[Start of section]

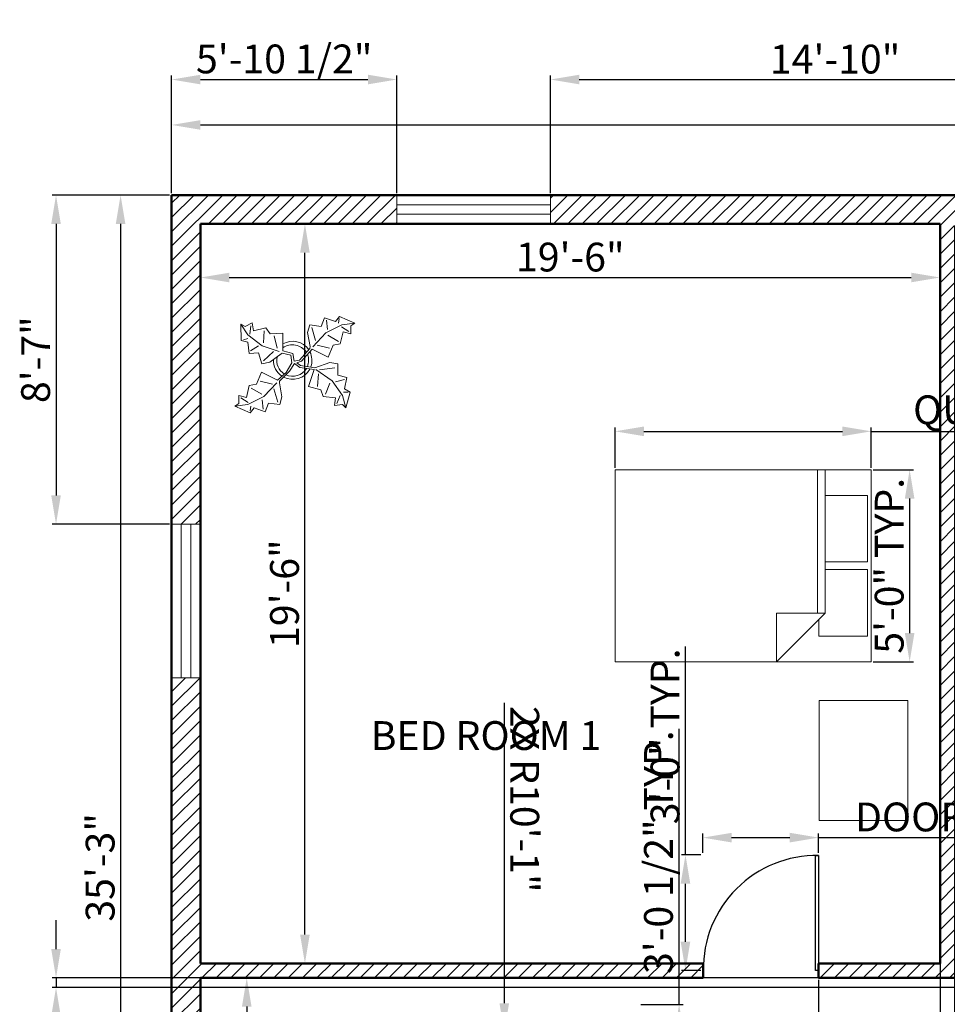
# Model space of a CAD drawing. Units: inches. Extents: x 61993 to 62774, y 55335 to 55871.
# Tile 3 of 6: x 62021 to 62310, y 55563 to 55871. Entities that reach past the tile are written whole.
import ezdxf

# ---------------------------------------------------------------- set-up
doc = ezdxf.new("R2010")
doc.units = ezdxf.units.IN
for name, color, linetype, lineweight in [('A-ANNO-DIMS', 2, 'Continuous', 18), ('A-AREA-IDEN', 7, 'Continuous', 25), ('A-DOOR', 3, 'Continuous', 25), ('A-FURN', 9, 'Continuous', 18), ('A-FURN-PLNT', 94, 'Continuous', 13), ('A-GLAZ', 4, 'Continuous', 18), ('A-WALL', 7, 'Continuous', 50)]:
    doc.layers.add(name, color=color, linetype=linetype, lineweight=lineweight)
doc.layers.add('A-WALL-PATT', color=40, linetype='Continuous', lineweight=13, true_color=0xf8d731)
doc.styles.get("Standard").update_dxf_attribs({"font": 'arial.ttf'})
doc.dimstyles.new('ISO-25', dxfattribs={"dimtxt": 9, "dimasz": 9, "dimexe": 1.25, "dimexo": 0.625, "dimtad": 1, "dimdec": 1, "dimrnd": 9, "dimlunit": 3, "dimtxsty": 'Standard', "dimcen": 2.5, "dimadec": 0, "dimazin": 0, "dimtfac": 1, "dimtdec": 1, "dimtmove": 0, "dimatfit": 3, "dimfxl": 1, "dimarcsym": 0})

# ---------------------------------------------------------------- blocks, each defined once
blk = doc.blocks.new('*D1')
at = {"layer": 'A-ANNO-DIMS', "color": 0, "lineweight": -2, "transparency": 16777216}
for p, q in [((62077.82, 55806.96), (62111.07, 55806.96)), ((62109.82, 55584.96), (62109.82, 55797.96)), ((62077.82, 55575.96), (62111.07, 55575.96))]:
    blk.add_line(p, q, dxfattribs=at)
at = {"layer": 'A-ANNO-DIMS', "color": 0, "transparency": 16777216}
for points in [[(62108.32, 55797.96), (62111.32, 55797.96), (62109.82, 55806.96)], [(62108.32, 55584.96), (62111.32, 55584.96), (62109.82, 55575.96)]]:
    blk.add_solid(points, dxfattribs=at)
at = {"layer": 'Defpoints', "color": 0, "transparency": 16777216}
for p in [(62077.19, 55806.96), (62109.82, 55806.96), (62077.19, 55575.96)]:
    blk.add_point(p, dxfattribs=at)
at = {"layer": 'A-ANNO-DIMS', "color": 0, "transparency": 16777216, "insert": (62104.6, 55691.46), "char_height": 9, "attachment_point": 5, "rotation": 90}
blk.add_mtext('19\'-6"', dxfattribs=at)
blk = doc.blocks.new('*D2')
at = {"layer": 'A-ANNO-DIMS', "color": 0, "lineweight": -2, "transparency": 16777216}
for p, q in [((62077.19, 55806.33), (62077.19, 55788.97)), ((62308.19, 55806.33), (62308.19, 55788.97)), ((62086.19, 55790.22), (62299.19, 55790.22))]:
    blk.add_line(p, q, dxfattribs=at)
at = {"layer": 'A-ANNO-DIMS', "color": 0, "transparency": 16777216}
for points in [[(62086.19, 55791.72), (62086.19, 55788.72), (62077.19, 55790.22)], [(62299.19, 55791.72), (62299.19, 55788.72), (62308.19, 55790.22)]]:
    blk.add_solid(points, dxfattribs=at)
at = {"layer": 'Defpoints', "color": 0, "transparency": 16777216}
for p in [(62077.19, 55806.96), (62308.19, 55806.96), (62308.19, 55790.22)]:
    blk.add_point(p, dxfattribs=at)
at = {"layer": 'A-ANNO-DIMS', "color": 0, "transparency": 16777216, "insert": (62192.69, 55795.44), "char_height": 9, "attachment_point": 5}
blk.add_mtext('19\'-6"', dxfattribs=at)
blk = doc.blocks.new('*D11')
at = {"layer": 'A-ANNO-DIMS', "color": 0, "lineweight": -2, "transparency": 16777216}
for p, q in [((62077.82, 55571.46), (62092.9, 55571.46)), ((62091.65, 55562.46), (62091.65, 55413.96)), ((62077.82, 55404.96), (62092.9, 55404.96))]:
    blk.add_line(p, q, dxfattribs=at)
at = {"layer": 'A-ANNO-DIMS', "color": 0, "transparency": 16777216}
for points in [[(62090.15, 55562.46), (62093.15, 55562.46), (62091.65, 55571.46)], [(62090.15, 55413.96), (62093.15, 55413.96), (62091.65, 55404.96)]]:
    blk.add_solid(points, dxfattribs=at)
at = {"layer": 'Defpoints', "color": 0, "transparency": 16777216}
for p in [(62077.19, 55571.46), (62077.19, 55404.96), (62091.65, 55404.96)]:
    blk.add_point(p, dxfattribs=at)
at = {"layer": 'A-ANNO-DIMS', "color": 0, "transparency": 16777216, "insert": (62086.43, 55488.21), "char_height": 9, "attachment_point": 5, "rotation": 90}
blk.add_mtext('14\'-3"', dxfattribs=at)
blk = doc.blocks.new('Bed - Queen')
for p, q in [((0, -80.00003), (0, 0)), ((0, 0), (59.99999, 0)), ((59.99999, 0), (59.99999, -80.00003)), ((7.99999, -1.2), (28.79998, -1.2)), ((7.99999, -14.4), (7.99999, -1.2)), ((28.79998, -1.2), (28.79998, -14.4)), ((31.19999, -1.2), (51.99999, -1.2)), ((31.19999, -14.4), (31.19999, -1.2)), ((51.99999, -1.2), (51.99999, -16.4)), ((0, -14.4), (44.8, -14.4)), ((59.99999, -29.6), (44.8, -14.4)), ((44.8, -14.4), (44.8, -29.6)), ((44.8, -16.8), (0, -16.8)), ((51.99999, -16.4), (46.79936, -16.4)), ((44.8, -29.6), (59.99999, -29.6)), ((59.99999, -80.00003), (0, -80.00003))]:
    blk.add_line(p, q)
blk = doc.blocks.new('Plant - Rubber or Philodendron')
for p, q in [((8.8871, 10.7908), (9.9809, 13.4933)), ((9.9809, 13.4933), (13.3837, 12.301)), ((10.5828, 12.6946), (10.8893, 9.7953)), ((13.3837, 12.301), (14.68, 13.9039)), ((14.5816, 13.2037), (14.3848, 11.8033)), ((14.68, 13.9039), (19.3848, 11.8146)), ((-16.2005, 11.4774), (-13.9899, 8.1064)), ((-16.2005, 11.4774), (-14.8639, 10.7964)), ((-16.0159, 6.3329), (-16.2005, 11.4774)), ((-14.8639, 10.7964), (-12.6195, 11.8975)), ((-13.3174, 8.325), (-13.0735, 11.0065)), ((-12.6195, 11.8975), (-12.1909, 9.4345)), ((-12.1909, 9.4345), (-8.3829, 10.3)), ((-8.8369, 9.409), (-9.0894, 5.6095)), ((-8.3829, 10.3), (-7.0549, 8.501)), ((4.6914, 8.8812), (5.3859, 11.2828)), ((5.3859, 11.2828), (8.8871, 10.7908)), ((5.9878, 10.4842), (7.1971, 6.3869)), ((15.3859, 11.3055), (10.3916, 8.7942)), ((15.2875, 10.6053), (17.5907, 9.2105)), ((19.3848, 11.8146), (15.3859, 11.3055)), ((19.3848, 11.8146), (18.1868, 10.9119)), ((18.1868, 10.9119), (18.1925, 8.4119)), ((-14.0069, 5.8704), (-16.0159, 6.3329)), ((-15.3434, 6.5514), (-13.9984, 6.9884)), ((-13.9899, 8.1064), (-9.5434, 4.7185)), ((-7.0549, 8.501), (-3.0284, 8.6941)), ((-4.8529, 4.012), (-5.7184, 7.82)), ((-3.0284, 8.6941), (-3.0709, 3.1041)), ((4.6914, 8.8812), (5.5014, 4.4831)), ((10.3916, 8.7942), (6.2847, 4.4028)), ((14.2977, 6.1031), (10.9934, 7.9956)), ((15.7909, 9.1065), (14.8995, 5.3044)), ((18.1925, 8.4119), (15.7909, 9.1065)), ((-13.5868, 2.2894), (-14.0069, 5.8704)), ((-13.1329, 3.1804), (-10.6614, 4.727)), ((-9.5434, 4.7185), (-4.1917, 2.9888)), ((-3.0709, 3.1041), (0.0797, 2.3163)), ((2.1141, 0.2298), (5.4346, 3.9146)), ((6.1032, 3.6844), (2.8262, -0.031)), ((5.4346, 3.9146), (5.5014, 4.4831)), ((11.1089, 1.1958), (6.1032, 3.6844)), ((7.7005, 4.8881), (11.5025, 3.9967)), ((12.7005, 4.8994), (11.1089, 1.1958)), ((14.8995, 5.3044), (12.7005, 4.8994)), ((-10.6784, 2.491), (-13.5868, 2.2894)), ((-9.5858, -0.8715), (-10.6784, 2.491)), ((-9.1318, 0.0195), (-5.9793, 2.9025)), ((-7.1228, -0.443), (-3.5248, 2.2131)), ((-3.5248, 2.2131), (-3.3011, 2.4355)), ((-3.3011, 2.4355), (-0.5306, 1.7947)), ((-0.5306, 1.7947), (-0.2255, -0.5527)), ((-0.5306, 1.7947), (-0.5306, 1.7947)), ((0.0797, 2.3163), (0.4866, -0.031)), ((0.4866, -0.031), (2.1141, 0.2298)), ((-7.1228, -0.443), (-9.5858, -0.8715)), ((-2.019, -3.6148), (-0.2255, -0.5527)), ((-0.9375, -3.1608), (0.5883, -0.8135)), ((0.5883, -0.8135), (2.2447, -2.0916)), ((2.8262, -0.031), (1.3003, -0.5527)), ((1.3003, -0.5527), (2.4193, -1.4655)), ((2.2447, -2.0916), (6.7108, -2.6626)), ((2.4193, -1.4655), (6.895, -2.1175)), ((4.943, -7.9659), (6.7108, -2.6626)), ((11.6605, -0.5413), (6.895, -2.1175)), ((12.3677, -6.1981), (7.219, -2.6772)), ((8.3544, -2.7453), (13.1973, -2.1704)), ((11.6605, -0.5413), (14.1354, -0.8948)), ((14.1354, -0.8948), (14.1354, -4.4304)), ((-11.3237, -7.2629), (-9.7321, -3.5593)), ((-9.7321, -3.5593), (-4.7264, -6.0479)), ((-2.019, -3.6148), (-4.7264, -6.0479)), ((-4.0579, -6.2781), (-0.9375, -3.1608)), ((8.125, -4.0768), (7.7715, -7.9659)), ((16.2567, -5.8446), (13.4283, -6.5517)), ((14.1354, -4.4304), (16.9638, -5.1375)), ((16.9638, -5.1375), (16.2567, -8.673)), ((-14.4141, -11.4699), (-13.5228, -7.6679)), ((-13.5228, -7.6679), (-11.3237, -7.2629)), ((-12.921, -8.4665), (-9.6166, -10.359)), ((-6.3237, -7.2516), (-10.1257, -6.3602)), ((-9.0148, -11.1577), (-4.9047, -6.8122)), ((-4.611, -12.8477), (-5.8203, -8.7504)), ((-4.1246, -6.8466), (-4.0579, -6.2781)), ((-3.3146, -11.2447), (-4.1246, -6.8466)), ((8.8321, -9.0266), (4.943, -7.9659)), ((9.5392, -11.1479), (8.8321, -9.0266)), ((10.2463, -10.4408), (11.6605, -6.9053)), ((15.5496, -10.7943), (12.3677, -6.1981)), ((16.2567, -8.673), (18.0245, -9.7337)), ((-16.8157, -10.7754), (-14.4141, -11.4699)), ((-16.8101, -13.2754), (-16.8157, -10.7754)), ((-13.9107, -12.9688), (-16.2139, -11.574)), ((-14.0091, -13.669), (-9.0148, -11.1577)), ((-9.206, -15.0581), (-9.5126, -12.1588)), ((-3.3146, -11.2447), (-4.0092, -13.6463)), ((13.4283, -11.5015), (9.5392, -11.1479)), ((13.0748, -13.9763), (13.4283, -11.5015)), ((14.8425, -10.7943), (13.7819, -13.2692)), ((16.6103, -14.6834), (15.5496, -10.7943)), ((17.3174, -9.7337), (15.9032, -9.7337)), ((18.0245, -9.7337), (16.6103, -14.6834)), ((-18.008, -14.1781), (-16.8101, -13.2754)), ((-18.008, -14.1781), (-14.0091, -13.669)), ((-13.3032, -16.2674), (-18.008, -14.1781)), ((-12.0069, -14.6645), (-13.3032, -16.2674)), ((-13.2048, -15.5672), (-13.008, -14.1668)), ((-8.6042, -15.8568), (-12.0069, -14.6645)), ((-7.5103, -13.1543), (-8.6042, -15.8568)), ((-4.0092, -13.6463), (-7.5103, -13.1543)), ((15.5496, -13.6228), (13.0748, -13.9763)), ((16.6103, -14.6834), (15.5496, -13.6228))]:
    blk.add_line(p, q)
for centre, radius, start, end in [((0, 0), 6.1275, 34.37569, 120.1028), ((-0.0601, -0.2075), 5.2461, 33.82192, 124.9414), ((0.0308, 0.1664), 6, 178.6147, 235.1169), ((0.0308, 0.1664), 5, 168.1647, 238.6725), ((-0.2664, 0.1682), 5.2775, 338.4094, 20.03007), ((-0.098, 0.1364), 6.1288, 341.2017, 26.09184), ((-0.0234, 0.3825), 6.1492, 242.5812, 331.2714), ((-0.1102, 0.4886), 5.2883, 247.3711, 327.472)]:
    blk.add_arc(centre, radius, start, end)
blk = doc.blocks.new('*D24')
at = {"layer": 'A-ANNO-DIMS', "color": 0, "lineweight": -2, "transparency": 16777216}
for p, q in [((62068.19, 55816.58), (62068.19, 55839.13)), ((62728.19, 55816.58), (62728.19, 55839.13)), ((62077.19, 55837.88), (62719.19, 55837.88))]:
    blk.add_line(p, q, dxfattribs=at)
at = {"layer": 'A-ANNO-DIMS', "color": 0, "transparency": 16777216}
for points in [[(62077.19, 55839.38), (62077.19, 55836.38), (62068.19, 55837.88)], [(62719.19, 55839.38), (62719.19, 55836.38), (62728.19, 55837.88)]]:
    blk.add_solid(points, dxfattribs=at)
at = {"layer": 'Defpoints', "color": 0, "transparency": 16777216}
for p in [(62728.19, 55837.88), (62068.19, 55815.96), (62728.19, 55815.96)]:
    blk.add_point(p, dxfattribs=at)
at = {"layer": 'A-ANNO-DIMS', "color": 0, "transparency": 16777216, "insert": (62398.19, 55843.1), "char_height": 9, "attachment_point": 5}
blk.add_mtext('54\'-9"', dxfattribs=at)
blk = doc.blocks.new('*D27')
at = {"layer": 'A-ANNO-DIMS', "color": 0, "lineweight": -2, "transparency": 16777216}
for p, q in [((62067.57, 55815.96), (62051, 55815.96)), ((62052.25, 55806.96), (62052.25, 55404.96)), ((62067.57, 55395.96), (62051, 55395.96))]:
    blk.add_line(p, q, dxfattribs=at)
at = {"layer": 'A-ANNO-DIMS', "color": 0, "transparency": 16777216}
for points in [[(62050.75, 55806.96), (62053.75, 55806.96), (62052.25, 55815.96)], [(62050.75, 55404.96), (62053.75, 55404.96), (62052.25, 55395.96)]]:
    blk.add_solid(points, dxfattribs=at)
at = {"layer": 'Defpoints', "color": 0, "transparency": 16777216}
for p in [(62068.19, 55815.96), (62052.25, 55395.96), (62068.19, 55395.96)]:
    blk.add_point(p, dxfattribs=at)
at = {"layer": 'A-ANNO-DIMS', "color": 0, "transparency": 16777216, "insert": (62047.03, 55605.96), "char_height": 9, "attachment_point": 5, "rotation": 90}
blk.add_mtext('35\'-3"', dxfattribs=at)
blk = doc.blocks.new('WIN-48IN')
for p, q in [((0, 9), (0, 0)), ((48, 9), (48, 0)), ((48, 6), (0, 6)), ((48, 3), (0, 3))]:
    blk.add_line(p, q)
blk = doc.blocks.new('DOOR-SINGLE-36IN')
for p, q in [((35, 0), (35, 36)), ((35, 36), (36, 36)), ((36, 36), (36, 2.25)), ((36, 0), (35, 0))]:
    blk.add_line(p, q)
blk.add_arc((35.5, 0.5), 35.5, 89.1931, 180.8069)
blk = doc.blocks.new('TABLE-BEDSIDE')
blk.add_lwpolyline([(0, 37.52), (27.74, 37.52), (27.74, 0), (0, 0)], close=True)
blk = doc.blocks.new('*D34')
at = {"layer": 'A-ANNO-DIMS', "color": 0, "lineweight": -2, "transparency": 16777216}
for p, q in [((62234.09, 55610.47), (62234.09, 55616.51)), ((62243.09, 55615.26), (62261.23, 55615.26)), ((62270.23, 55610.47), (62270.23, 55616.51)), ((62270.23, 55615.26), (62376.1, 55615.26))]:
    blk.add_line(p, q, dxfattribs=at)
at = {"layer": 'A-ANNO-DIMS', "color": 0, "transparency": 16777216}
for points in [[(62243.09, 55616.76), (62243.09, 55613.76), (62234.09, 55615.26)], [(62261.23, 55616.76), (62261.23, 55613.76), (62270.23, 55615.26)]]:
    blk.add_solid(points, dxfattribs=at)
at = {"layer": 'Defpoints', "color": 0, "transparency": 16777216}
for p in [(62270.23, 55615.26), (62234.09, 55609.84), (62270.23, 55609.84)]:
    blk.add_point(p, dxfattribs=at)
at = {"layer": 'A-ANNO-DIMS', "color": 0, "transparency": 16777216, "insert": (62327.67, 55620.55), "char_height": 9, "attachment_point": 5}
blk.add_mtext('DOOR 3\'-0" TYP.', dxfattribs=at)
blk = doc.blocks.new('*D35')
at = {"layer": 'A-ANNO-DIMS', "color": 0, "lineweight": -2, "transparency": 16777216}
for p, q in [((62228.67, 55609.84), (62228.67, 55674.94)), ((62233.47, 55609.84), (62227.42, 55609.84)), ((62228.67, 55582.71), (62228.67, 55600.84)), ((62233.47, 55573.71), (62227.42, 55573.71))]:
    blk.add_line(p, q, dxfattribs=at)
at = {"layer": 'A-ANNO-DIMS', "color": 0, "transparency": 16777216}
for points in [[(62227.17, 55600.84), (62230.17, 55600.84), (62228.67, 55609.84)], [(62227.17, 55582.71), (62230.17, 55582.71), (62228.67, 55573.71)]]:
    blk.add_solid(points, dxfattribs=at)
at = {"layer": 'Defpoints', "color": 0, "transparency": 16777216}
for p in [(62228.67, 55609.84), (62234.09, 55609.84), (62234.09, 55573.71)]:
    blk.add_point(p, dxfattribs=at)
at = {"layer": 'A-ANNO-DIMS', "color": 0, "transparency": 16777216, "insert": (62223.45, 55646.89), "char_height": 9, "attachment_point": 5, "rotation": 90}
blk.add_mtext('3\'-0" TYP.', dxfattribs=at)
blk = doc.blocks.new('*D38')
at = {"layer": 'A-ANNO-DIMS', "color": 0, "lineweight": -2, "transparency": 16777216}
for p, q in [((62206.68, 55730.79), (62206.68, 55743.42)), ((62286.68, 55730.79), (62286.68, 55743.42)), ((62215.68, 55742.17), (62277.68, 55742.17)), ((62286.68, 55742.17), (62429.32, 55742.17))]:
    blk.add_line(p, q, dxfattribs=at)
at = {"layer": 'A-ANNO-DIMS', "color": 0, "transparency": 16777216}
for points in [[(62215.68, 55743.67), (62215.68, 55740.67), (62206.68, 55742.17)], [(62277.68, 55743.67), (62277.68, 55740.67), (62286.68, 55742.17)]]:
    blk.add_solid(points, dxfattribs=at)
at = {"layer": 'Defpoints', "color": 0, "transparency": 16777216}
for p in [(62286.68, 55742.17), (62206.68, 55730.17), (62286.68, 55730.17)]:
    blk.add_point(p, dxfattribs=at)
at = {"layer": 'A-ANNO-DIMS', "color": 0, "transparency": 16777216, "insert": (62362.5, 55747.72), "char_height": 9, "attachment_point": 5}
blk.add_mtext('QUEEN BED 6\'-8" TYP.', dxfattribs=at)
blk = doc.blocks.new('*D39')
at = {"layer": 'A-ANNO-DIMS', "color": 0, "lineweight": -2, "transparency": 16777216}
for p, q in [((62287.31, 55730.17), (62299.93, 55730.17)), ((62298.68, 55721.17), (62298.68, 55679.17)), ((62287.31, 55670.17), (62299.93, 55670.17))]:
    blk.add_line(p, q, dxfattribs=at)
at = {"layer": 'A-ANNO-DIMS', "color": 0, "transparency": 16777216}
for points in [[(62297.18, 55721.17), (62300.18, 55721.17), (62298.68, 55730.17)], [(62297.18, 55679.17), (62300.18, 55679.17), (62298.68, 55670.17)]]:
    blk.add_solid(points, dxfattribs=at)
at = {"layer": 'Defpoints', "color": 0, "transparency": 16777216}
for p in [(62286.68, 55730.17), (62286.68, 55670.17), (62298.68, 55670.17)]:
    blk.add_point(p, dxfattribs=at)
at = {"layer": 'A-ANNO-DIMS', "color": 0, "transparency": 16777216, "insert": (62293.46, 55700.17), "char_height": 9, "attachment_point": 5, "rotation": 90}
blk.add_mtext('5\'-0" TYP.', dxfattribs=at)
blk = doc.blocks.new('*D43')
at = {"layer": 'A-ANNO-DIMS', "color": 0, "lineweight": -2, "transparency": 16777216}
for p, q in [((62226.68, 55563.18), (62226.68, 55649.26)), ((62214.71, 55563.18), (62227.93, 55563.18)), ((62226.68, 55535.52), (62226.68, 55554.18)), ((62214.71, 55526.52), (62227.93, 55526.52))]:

[End of section]

-- What is required --
Only the line with "blk = doc.blocks.new('*D1')" and those preceding it, back to the first line of the entries, should be repeated exactly, without pictures.

-- Answer section --
# Model space of a CAD drawing. Units: inches. Extents: x 61993 to 62774, y 55335 to 55871.
# Tile 3 of 6: x 62021 to 62310, y 55563 to 55871. Entities that reach past the tile are written whole.
import ezdxf

# ---------------------------------------------------------------- set-up
doc = ezdxf.new("R2010")
doc.units = ezdxf.units.IN
for name, color, linetype, lineweight in [('A-ANNO-DIMS', 2, 'Continuous', 18), ('A-AREA-IDEN', 7, 'Continuous', 25), ('A-DOOR', 3, 'Continuous', 25), ('A-FURN', 9, 'Continuous', 18), ('A-FURN-PLNT', 94, 'Continuous', 13), ('A-GLAZ', 4, 'Continuous', 18), ('A-WALL', 7, 'Continuous', 50)]:
    doc.layers.add(name, color=color, linetype=linetype, lineweight=lineweight)
doc.layers.add('A-WALL-PATT', color=40, linetype='Continuous', lineweight=13, true_color=0xf8d731)
doc.styles.get("Standard").update_dxf_attribs({"font": 'arial.ttf'})
doc.dimstyles.new('ISO-25', dxfattribs={"dimtxt": 9, "dimasz": 9, "dimexe": 1.25, "dimexo": 0.625, "dimtad": 1, "dimdec": 1, "dimrnd": 9, "dimlunit": 3, "dimtxsty": 'Standard', "dimcen": 2.5, "dimadec": 0, "dimazin": 0, "dimtfac": 1, "dimtdec": 1, "dimtmove": 0, "dimatfit": 3, "dimfxl": 1, "dimarcsym": 0})

# ---------------------------------------------------------------- blocks, each defined once
blk = doc.blocks.new('*D1')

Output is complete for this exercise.